- MATERIAL FOR THE TASK
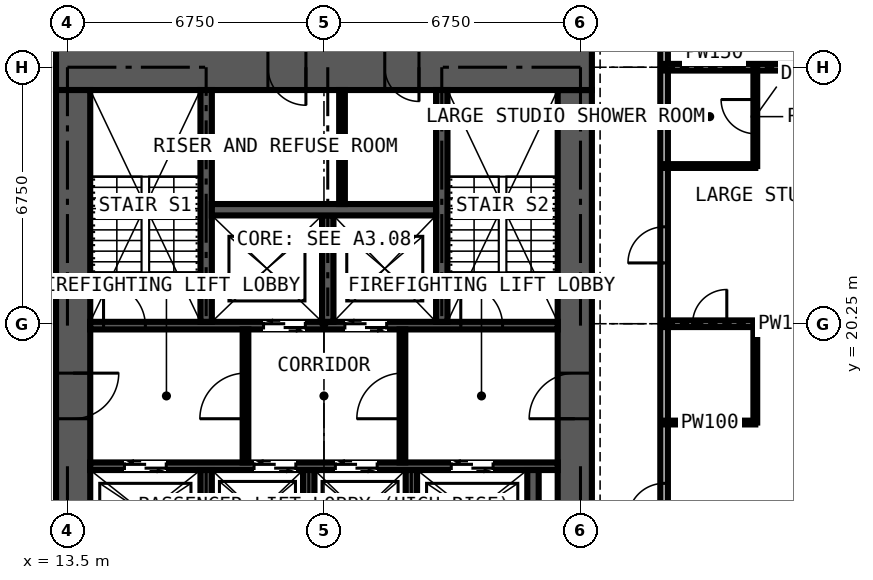
"""IFC4 building model, lengths in metres.
Left out: names, types, materials, properties, quantities, classifications, styles, units other than length and angle.
Written with IfcOpenShell. Run it as: python <this file> out.ifc"""

import sys

from ifc_helpers import new_model, si_unit, direction, frame, frame_2d, origin, place, context, subcontext, project, spatial, rectangle, extrude, element, fill, save


model = new_model("IFC4")
c1 = context("Model", 3, precision=1e-05, world=origin(), true_north=direction((0.0, 1.0)))
c2 = subcontext(c1, "Body", "Model", "MODEL_VIEW")
j1 = project(units=[si_unit("LENGTHUNIT", "METRE"), si_unit("PLANEANGLEUNIT", "RADIAN")], contexts=[c1])
p1 = place(None, origin())
s1 = spatial("IfcSite", under=j1, at=p1, CompositionType="ELEMENT")
p2 = place(p1, origin())
s2 = spatial("IfcBuilding", under=s1, at=p2, CompositionType="ELEMENT")
p3 = place(p2, frame((0.0, 0.0, 215.1)))
s3 = spatial("IfcBuildingStorey", under=s2, at=p3, CompositionType="ELEMENT", Elevation=215.1)
p4 = place(p3, frame((26.85, 14.1, 0.0), z_axis=(0.0, 0.0, 1.0), x_axis=(0.0, 1.0, 0.0)))
e1 = element("IfcWall", 1, at=p4, inside=s3, PredefinedType="SHEAR", context=c2, shape_type="SweptSolid", body=[
    extrude(rectangle(XDim=12.3, YDim=0.9, at=frame_2d((6.15, 0.0))), origin(), (0.0, 0.0, 1.0), 3.6),
])
p5 = place(p4, frame((3.65, 0.0, 0.0)))
e2 = element("IfcOpeningElement", 2, at=p5, cuts=e1, PredefinedType="OPENING", context=c2, shape_type="SweptSolid", body=[
    extrude(rectangle(XDim=1.2, YDim=2.2, at=frame_2d((0.6, 1.1))), frame((0.0, 0.46, 0.0), z_axis=(0.0, -1.0, 0.0), x_axis=(1.0, 0.0, 0.0)), (0.0, 0.0, 1.0), 0.92),
])
p6 = place(p3, frame((27.3, 27.0, 0.0), z_axis=(0.0, 0.0, 1.0), x_axis=(-1.0, 0.0, 0.0)))
e3 = element("IfcWall", 3, at=p6, inside=s3, PredefinedType="SHEAR", context=c2, shape_type="SweptSolid", body=[
    extrude(rectangle(XDim=14.1, YDim=1.2, at=frame_2d((7.05, 0.0))), origin(), (0.0, 0.0, 1.0), 3.6),
])
p7 = place(p6, frame((4.55, 0.0, 0.0)))
e4 = element("IfcOpeningElement", 4, at=p7, cuts=e3, PredefinedType="OPENING", context=c2, shape_type="SweptSolid", body=[
    extrude(rectangle(XDim=0.9, YDim=2.2, at=frame_2d((0.45, 1.1))), frame((0.0, 0.61, 0.0), z_axis=(0.0, -1.0, 0.0), x_axis=(1.0, 0.0, 0.0)), (0.0, 0.0, 1.0), 1.22),
])
p8 = place(p6, frame((7.525, 0.0, 0.0)))
e5 = element("IfcOpeningElement", 5, at=p8, cuts=e3, PredefinedType="OPENING", context=c2, shape_type="SweptSolid", body=[
    extrude(rectangle(XDim=1.0, YDim=2.2, at=frame_2d((0.5, 1.1))), frame((0.0, 0.61, 0.0), z_axis=(0.0, -1.0, 0.0), x_axis=(1.0, 0.0, 0.0)), (0.0, 0.0, 1.0), 1.22),
])
p9 = place(p3, frame((13.65, 26.4, 0.0), z_axis=(0.0, 0.0, 1.0), x_axis=(0.0, -1.0, 0.0)))
e6 = element("IfcWall", 6, at=p9, inside=s3, PredefinedType="SHEAR", context=c2, shape_type="SweptSolid", body=[
    extrude(rectangle(XDim=12.3, YDim=0.9, at=frame_2d((6.15, 0.0))), origin(), (0.0, 0.0, 1.0), 3.6),
])
p10 = place(p9, frame((7.45, 0.0, 0.0)))
e7 = element("IfcOpeningElement", 7, at=p10, cuts=e6, PredefinedType="OPENING", context=c2, shape_type="SweptSolid", body=[
    extrude(rectangle(XDim=1.2, YDim=2.2, at=frame_2d((0.6, 1.1))), frame((0.0, 0.46, 0.0), z_axis=(0.0, -1.0, 0.0), x_axis=(1.0, 0.0, 0.0)), (0.0, 0.0, 1.0), 0.92),
])
p11 = place(p3, frame((14.1, 16.5, 0.0), z_axis=(0.0, 0.0, 1.0), x_axis=(1.0, 0.0, 0.0)))
e8 = element("IfcWall", 8, at=p11, inside=s3, PredefinedType="SHEAR", context=c2, shape_type="SweptSolid", body=[
    extrude(rectangle(XDim=12.3, YDim=0.2, at=frame_2d((6.15, 0.0))), origin(), (0.0, 0.0, 1.0), 3.6),
])
p12 = place(p11, frame((0.9, 0.0, 0.0)))
e9 = element("IfcOpeningElement", 9, at=p12, cuts=e8, PredefinedType="OPENING", context=c2, shape_type="SweptSolid", body=[
    extrude(rectangle(XDim=1.1, YDim=2.2, at=frame_2d((0.55, 1.1))), frame((0.0, 0.11, 0.0), z_axis=(0.0, -1.0, 0.0), x_axis=(1.0, 0.0, 0.0)), (0.0, 0.0, 1.0), 0.22),
])
p13 = place(p11, frame((4.31, 0.0, 0.0)))
e10 = element("IfcOpeningElement", 10, at=p13, cuts=e8, PredefinedType="OPENING", context=c2, shape_type="SweptSolid", body=[
    extrude(rectangle(XDim=1.1, YDim=2.2, at=frame_2d((0.55, 1.1))), frame((0.0, 0.11, 0.0), z_axis=(0.0, -1.0, 0.0), x_axis=(1.0, 0.0, 0.0)), (0.0, 0.0, 1.0), 0.22),
])
p14 = place(p11, frame((6.45, 0.0, 0.0)))
e11 = element("IfcOpeningElement", 11, at=p14, cuts=e8, PredefinedType="OPENING", context=c2, shape_type="SweptSolid", body=[
    extrude(rectangle(XDim=1.1, YDim=2.2, at=frame_2d((0.55, 1.1))), frame((0.0, 0.11, 0.0), z_axis=(0.0, -1.0, 0.0), x_axis=(1.0, 0.0, 0.0)), (0.0, 0.0, 1.0), 0.22),
])
p15 = place(p11, frame((9.5, 0.0, 0.0)))
e12 = element("IfcOpeningElement", 12, at=p15, cuts=e8, PredefinedType="OPENING", context=c2, shape_type="SweptSolid", body=[
    extrude(rectangle(XDim=1.1, YDim=2.2, at=frame_2d((0.55, 1.1))), frame((0.0, 0.11, 0.0), z_axis=(0.0, -1.0, 0.0), x_axis=(1.0, 0.0, 0.0)), (0.0, 0.0, 1.0), 0.22),
])
p16 = place(p3, frame((14.1, 20.2, 0.0), z_axis=(0.0, 0.0, 1.0), x_axis=(1.0, 0.0, 0.0)))
e13 = element("IfcWall", 13, at=p16, inside=s3, PredefinedType="SHEAR", context=c2, shape_type="SweptSolid", body=[
    extrude(rectangle(XDim=12.3, YDim=0.2, at=frame_2d((6.15, 0.0))), origin(), (0.0, 0.0, 1.0), 3.6),
])
p17 = place(p16, frame((4.56, 0.0, 0.0)))
e14 = element("IfcOpeningElement", 14, at=p17, cuts=e13, PredefinedType="OPENING", context=c2, shape_type="SweptSolid", body=[
    extrude(rectangle(XDim=1.1, YDim=2.2, at=frame_2d((0.55, 1.1))), frame((0.0, 0.11, 0.0), z_axis=(0.0, -1.0, 0.0), x_axis=(1.0, 0.0, 0.0)), (0.0, 0.0, 1.0), 0.22),
])
p18 = place(p16, frame((6.7, 0.0, 0.0)))
e15 = element("IfcOpeningElement", 15, at=p18, cuts=e13, PredefinedType="OPENING", context=c2, shape_type="SweptSolid", body=[
    extrude(rectangle(XDim=1.1, YDim=2.2, at=frame_2d((0.55, 1.1))), frame((0.0, 0.11, 0.0), z_axis=(0.0, -1.0, 0.0), x_axis=(1.0, 0.0, 0.0)), (0.0, 0.0, 1.0), 0.22),
])
p19 = place(p16, frame((0.35, 0.0, 0.0)))
e16 = element("IfcOpeningElement", 16, at=p19, cuts=e13, PredefinedType="OPENING", context=c2, shape_type="SweptSolid", body=[
    extrude(rectangle(XDim=1.1, YDim=2.2, at=frame_2d((0.55, 1.1))), frame((0.0, 0.11, 0.0), z_axis=(0.0, -1.0, 0.0), x_axis=(1.0, 0.0, 0.0)), (0.0, 0.0, 1.0), 0.22),
])
p20 = place(p16, frame((9.75, 0.0, 0.0)))
e17 = element("IfcOpeningElement", 17, at=p20, cuts=e13, PredefinedType="OPENING", context=c2, shape_type="SweptSolid", body=[
    extrude(rectangle(XDim=1.1, YDim=2.2, at=frame_2d((0.55, 1.1))), frame((0.0, 0.11, 0.0), z_axis=(0.0, -1.0, 0.0), x_axis=(1.0, 0.0, 0.0)), (0.0, 0.0, 1.0), 0.22),
])
for number, where, z_axis, x_axis in (
    (18, (17.15, 20.3, 0.0), (0.0, 0.0, 1.0), (0.0, 1.0, 0.0)),
    (19, (23.35, 20.3, 0.0), (0.0, 0.0, 1.0), (0.0, 1.0, 0.0)),
):
    element("IfcWall", number, at=place(p3, frame(where, z_axis=z_axis, x_axis=x_axis)), inside=s3, PredefinedType="SHEAR", context=c2, shape_type="SweptSolid", body=[
        extrude(rectangle(XDim=6.1, YDim=0.3, at=frame_2d((3.05, 0.0))), origin(), (0.0, 0.0, 1.0), 3.6),
    ])
p21 = place(p3, frame((20.35, 20.3, 0.0), z_axis=(0.0, 0.0, 1.0), x_axis=(0.0, 1.0, 0.0)))
e20 = element("IfcWall", 20, at=p21, inside=s3, PredefinedType="SHEAR", context=c2, shape_type="SweptSolid", body=[
    extrude(rectangle(XDim=2.8, YDim=0.3, at=frame_2d((1.4, 0.0))), origin(), (0.0, 0.0, 1.0), 3.6),
])
p22 = place(p3, frame((17.3, 23.25, 0.0), z_axis=(0.0, 0.0, 1.0), x_axis=(1.0, 0.0, 0.0)))
e21 = element("IfcWall", 21, at=p22, inside=s3, PredefinedType="SHEAR", context=c2, shape_type="SweptSolid", body=[
    extrude(rectangle(XDim=5.9, YDim=0.3, at=frame_2d((2.95, 0.0))), origin(), (0.0, 0.0, 1.0), 3.6),
])
for number, where, z_axis, x_axis in (
    (22, (17.15, 14.1, 0.0), (0.0, 0.0, 1.0), (0.0, 1.0, 0.0)),
    (23, (19.85, 14.1, 0.0), (0.0, 0.0, 1.0), (0.0, 1.0, 0.0)),
    (24, (22.55, 14.1, 0.0), (0.0, 0.0, 1.0), (0.0, 1.0, 0.0)),
    (25, (25.75, 14.1, 0.0), (0.0, 0.0, 1.0), (0.0, 1.0, 0.0)),
):
    element("IfcWall", number, at=place(p3, frame(where, z_axis=z_axis, x_axis=x_axis)), inside=s3, PredefinedType="SHEAR", context=c2, shape_type="SweptSolid", body=[
        extrude(rectangle(XDim=2.3, YDim=0.3, at=frame_2d((1.15, 0.0))), origin(), (0.0, 0.0, 1.0), 3.6),
    ])
p23 = place(p3, frame((18.185, 16.6, 0.0), z_axis=(0.0, 0.0, 1.0), x_axis=(0.0, 1.0, 0.0)))
e26 = element("IfcWall", 26, at=p23, inside=s3, PredefinedType="PARTITIONING", context=c2, shape_type="SweptSolid", body=[
    extrude(rectangle(XDim=3.5, YDim=0.15, at=frame_2d((1.75, 0.0))), origin(), (0.0, 0.0, 1.0), 3.375),
])
p24 = place(p23, frame((1.15, 0.0, 0.0)))
e27 = element("IfcOpeningElement", 27, at=p24, cuts=e26, PredefinedType="OPENING", context=c2, shape_type="SweptSolid", body=[
    extrude(rectangle(XDim=1.2, YDim=2.2, at=frame_2d((0.6, 1.1))), frame((0.0, 0.085, 0.0), z_axis=(0.0, -1.0, 0.0), x_axis=(1.0, 0.0, 0.0)), (0.0, 0.0, 1.0), 0.17),
])
p25 = place(p3, frame((22.315, 16.6, 0.0), z_axis=(0.0, 0.0, 1.0), x_axis=(0.0, 1.0, 0.0)))
e28 = element("IfcWall", 28, at=p25, inside=s3, PredefinedType="PARTITIONING", context=c2, shape_type="SweptSolid", body=[
    extrude(rectangle(XDim=3.5, YDim=0.15, at=frame_2d((1.75, 0.0))), origin(), (0.0, 0.0, 1.0), 3.375),
])
p26 = place(p25, frame((1.15, 0.0, 0.0)))
e29 = element("IfcOpeningElement", 29, at=p26, cuts=e28, PredefinedType="OPENING", context=c2, shape_type="SweptSolid", body=[
    extrude(rectangle(XDim=1.2, YDim=2.2, at=frame_2d((0.6, 1.1))), frame((0.0, 0.085, 0.0), z_axis=(0.0, -1.0, 0.0), x_axis=(1.0, 0.0, 0.0)), (0.0, 0.0, 1.0), 0.17),
])
p27 = place(p3, frame((20.725, 23.4, 0.0), z_axis=(0.0, 0.0, 1.0), x_axis=(0.0, 1.0, 0.0)))
e30 = element("IfcWall", 30, at=p27, inside=s3, PredefinedType="PARTITIONING", context=c2, shape_type="SweptSolid", body=[
    extrude(rectangle(XDim=3.0, YDim=0.15, at=frame_2d((1.5, 0.0))), origin(), (0.0, 0.0, 1.0), 3.375),
])
p28 = place(p3, frame((29.2, 11.3, 0.0), z_axis=(0.0, 0.0, 1.0), x_axis=(0.0, 1.0, 0.0)))
e31 = element("IfcWall", 31, at=p28, inside=s3, PredefinedType="PARTITIONING", context=c2, shape_type="SweptSolid", body=[
    extrude(rectangle(XDim=17.9, YDim=0.2, at=frame_2d((8.95, 0.0))), origin(), (0.0, 0.0, 1.0), 3.375),
])
p29 = place(p28, frame((0.6, 0.0, 0.0)))
e32 = element("IfcOpeningElement", 32, at=p29, cuts=e31, PredefinedType="OPENING", context=c2, shape_type="SweptSolid", body=[
    extrude(rectangle(XDim=1.0, YDim=2.2, at=frame_2d((0.5, 1.1))), frame((0.0, 0.11, 0.0), z_axis=(0.0, -1.0, 0.0), x_axis=(1.0, 0.0, 0.0)), (0.0, 0.0, 1.0), 0.22),
])
p30 = place(p28, frame((10.55, 0.0, 0.0)))
e33 = element("IfcOpeningElement", 33, at=p30, cuts=e31, PredefinedType="OPENING", context=c2, shape_type="SweptSolid", body=[
    extrude(rectangle(XDim=0.95, YDim=2.2, at=frame_2d((0.475, 1.1))), frame((0.0, 0.11, 0.0), z_axis=(0.0, -1.0, 0.0), x_axis=(1.0, 0.0, 0.0)), (0.0, 0.0, 1.0), 0.22),
])
p31 = place(p28, frame((3.8, 0.0, 0.0)))
e34 = element("IfcOpeningElement", 34, at=p31, cuts=e31, PredefinedType="OPENING", context=c2, shape_type="SweptSolid", body=[
    extrude(rectangle(XDim=0.95, YDim=2.2, at=frame_2d((0.475, 1.1))), frame((0.0, 0.11, 0.0), z_axis=(0.0, -1.0, 0.0), x_axis=(1.0, 0.0, 0.0)), (0.0, 0.0, 1.0), 0.22),
])
p32 = place(p28, frame((16.3, 0.0, 0.0)))
e35 = element("IfcOpeningElement", 35, at=p32, cuts=e31, PredefinedType="OPENING", context=c2, shape_type="SweptSolid", body=[
    extrude(rectangle(XDim=1.0, YDim=2.2, at=frame_2d((0.5, 1.1))), frame((0.0, 0.11, 0.0), z_axis=(0.0, -1.0, 0.0), x_axis=(1.0, 0.0, 0.0)), (0.0, 0.0, 1.0), 0.22),
])
p33 = place(p3, frame((29.2, 17.65, 0.0), z_axis=(0.0, 0.0, 1.0), x_axis=(1.0, 0.0, 0.0)))
e36 = element("IfcWall", 36, at=p33, inside=s3, PredefinedType="PARTITIONING", context=c2, shape_type="SweptSolid", body=[
    extrude(rectangle(XDim=2.4, YDim=0.1, at=frame_2d((1.2, 0.0))), origin(), (0.0, 0.0, 1.0), 3.375),
])
p34 = place(p3, frame((29.2, 20.25, 0.0), z_axis=(0.0, 0.0, 1.0), x_axis=(1.0, 0.0, 0.0)))
e37 = element("IfcWall", 37, at=p34, inside=s3, PredefinedType="PARTITIONING", context=c2, shape_type="SweptSolid", body=[
    extrude(rectangle(XDim=5.284, YDim=0.175, at=frame_2d((2.642, 0.0))), origin(), (0.0, 0.0, 1.0), 2.877),
])
p35 = place(p34, frame((0.75, 0.0, 0.0)))
e38 = element("IfcOpeningElement", 38, at=p35, cuts=e37, PredefinedType="OPENING", context=c2, shape_type="SweptSolid", body=[
    extrude(rectangle(XDim=0.9, YDim=2.2, at=frame_2d((0.45, 1.1))), frame((0.0, 0.097, 0.0), z_axis=(0.0, -1.0, 0.0), x_axis=(1.0, 0.0, 0.0)), (0.0, 0.0, 1.0), 0.195),
])
p36 = place(p3, frame((29.2, 24.4, 0.0), z_axis=(0.0, 0.0, 1.0), x_axis=(1.0, 0.0, 0.0)))
e39 = element("IfcWall", 39, at=p36, inside=s3, PredefinedType="PARTITIONING", context=c2, shape_type="SweptSolid", body=[
    extrude(rectangle(XDim=2.4, YDim=0.1, at=frame_2d((1.2, 0.0))), origin(), (0.0, 0.0, 1.0), 3.375),
])
p37 = place(p3, frame((29.2, 27.0, 0.0), z_axis=(0.0, 0.0, 1.0), x_axis=(1.0, 0.0, 0.0)))
e40 = element("IfcWall", 40, at=p37, inside=s3, PredefinedType="PARTITIONING", context=c2, shape_type="SweptSolid", body=[
    extrude(rectangle(XDim=5.284, YDim=0.175, at=frame_2d((2.642, 0.0))), origin(), (0.0, 0.0, 1.0), 2.877),
])
p38 = place(p3, frame((31.125, 27.0, 0.0), z_axis=(0.0, 0.0, 1.0), x_axis=(0.0, 1.0, 0.0)))
e41 = element("IfcWall", 41, at=p38, inside=s3, PredefinedType="PARTITIONING", context=c2, shape_type="SweptSolid", body=[
    extrude(rectangle(XDim=0.734, YDim=0.15, at=frame_2d((0.367, 0.0))), origin(), (0.0, 0.0, 1.0), 3.375),
])
p39 = place(p3, frame((31.6, 17.65, 0.0), z_axis=(0.0, 0.0, 1.0), x_axis=(0.0, 1.0, 0.0)))
e42 = element("IfcWall", 42, at=p39, inside=s3, PredefinedType="PARTITIONING", context=c2, shape_type="SweptSolid", body=[
    extrude(rectangle(XDim=2.6, YDim=0.1, at=frame_2d((1.3, 0.0))), origin(), (0.0, 0.0, 1.0), 3.375),
])
p40 = place(p3, frame((31.6, 24.4, 0.0), z_axis=(0.0, 0.0, 1.0), x_axis=(0.0, 1.0, 0.0)))
e43 = element("IfcWall", 43, at=p40, inside=s3, PredefinedType="PARTITIONING", context=c2, shape_type="SweptSolid", body=[
    extrude(rectangle(XDim=2.6, YDim=0.1, at=frame_2d((1.3, 0.0))), origin(), (0.0, 0.0, 1.0), 3.375),
])
p41 = place(p40, frame((0.85, 0.0, 0.0)))
e44 = element("IfcOpeningElement", 44, at=p41, cuts=e43, PredefinedType="OPENING", context=c2, shape_type="SweptSolid", body=[
    extrude(rectangle(XDim=0.9, YDim=2.2, at=frame_2d((0.45, 1.1))), frame((0.0, 0.06, 0.0), z_axis=(0.0, -1.0, 0.0), x_axis=(1.0, 0.0, 0.0)), (0.0, 0.0, 1.0), 0.12),
])
p42 = place(p12, origin())
e45 = element("IfcDoor", 45, at=p42, inside=s3, OperationType="DOUBLE_DOOR_SLIDING", PredefinedType="DOOR", context=c2, shape_type="SweptSolid", body=[
    extrude(rectangle(XDim=1.1, YDim=2.2, at=frame_2d((0.55, 1.1))), frame((0.0, 0.025, 0.0), z_axis=(0.0, -1.0, 0.0), x_axis=(1.0, 0.0, 0.0)), (0.0, 0.0, 1.0), 0.05),
])
fill(e9, e45)
p43 = place(p13, origin())
e46 = element("IfcDoor", 46, at=p43, inside=s3, OperationType="DOUBLE_DOOR_SLIDING", PredefinedType="DOOR", context=c2, shape_type="SweptSolid", body=[
    extrude(rectangle(XDim=1.1, YDim=2.2, at=frame_2d((0.55, 1.1))), frame((0.0, 0.025, 0.0), z_axis=(0.0, -1.0, 0.0), x_axis=(1.0, 0.0, 0.0)), (0.0, 0.0, 1.0), 0.05),
])
fill(e10, e46)
p44 = place(p14, origin())
e47 = element("IfcDoor", 47, at=p44, inside=s3, OperationType="DOUBLE_DOOR_SLIDING", PredefinedType="DOOR", context=c2, shape_type="SweptSolid", body=[
    extrude(rectangle(XDim=1.1, YDim=2.2, at=frame_2d((0.55, 1.1))), frame((0.0, 0.025, 0.0), z_axis=(0.0, -1.0, 0.0), x_axis=(1.0, 0.0, 0.0)), (0.0, 0.0, 1.0), 0.05),
])
fill(e11, e47)
p45 = place(p15, origin())
e48 = element("IfcDoor", 48, at=p45, inside=s3, OperationType="DOUBLE_DOOR_SLIDING", PredefinedType="DOOR", context=c2, shape_type="SweptSolid", body=[
    extrude(rectangle(XDim=1.1, YDim=2.2, at=frame_2d((0.55, 1.1))), frame((0.0, 0.025, 0.0), z_axis=(0.0, -1.0, 0.0), x_axis=(1.0, 0.0, 0.0)), (0.0, 0.0, 1.0), 0.05),
])
fill(e12, e48)
p46 = place(p17, origin())
e49 = element("IfcDoor", 49, at=p46, inside=s3, OperationType="DOUBLE_DOOR_SLIDING", PredefinedType="DOOR", context=c2, shape_type="SweptSolid", body=[
    extrude(rectangle(XDim=1.1, YDim=2.2, at=frame_2d((0.55, 1.1))), frame((0.0, 0.025, 0.0), z_axis=(0.0, -1.0, 0.0), x_axis=(1.0, 0.0, 0.0)), (0.0, 0.0, 1.0), 0.05),
])
fill(e14, e49)
p47 = place(p18, origin())
e50 = element("IfcDoor", 50, at=p47, inside=s3, OperationType="DOUBLE_DOOR_SLIDING", PredefinedType="DOOR", context=c2, shape_type="SweptSolid", body=[
    extrude(rectangle(XDim=1.1, YDim=2.2, at=frame_2d((0.55, 1.1))), frame((0.0, 0.025, 0.0), z_axis=(0.0, -1.0, 0.0), x_axis=(1.0, 0.0, 0.0)), (0.0, 0.0, 1.0), 0.05),
])
fill(e15, e50)
p48 = place(p10, origin())
e51 = element("IfcDoor", 51, at=p48, inside=s3, OperationType="DOUBLE_DOOR_SINGLE_SWING", PredefinedType="DOOR", context=c2, shape_type="SweptSolid", body=[
    extrude(rectangle(XDim=1.2, YDim=2.2, at=frame_2d((0.6, 1.1))), frame((0.0, 0.025, 0.0), z_axis=(0.0, -1.0, 0.0), x_axis=(1.0, 0.0, 0.0)), (0.0, 0.0, 1.0), 0.05),
])
fill(e7, e51)
p49 = place(p5, origin())
e52 = element("IfcDoor", 52, at=p49, inside=s3, OperationType="DOUBLE_DOOR_SINGLE_SWING", PredefinedType="DOOR", context=c2, shape_type="SweptSolid", body=[
    extrude(rectangle(XDim=1.2, YDim=2.2, at=frame_2d((0.6, 1.1))), frame((0.0, 0.025, 0.0), z_axis=(0.0, -1.0, 0.0), x_axis=(1.0, 0.0, 0.0)), (0.0, 0.0, 1.0), 0.05),
])
fill(e2, e52)
p50 = place(p24, origin())
e53 = element("IfcDoor", 53, at=p50, inside=s3, OperationType="DOUBLE_DOOR_SINGLE_SWING", PredefinedType="DOOR", context=c2, shape_type="SweptSolid", body=[
    extrude(rectangle(XDim=1.2, YDim=2.2, at=frame_2d((0.6, 1.1))), frame((0.0, 0.025, 0.0), z_axis=(0.0, -1.0, 0.0), x_axis=(1.0, 0.0, 0.0)), (0.0, 0.0, 1.0), 0.05),
])
fill(e27, e53)
p51 = place(p26, origin())
e54 = element("IfcDoor", 54, at=p51, inside=s3, OperationType="DOUBLE_DOOR_SINGLE_SWING", PredefinedType="DOOR", context=c2, shape_type="SweptSolid", body=[
    extrude(rectangle(XDim=1.2, YDim=2.2, at=frame_2d((0.6, 1.1))), frame((0.0, 0.025, 0.0), z_axis=(0.0, -1.0, 0.0), x_axis=(1.0, 0.0, 0.0)), (0.0, 0.0, 1.0), 0.05),
])
fill(e29, e54)
p52 = place(p7, origin())
e55 = element("IfcDoor", 55, at=p52, inside=s3, OperationType="SINGLE_SWING_LEFT", PredefinedType="DOOR", context=c2, shape_type="SweptSolid", body=[
    extrude(rectangle(XDim=0.9, YDim=2.2, at=frame_2d((0.45, 1.1))), frame((0.0, 0.4, 0.0), z_axis=(0.0, -1.0, 0.0), x_axis=(1.0, 0.0, 0.0)), (0.0, 0.0, 1.0), 0.8),
])
fill(e4, e55)
p53 = place(p8, origin())
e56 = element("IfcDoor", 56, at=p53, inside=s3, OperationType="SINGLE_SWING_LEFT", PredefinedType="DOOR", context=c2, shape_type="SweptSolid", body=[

- YOUR GOAL
Answer with nothing but the count of lines in the entries that hold the word "under".

- SOLUTION
3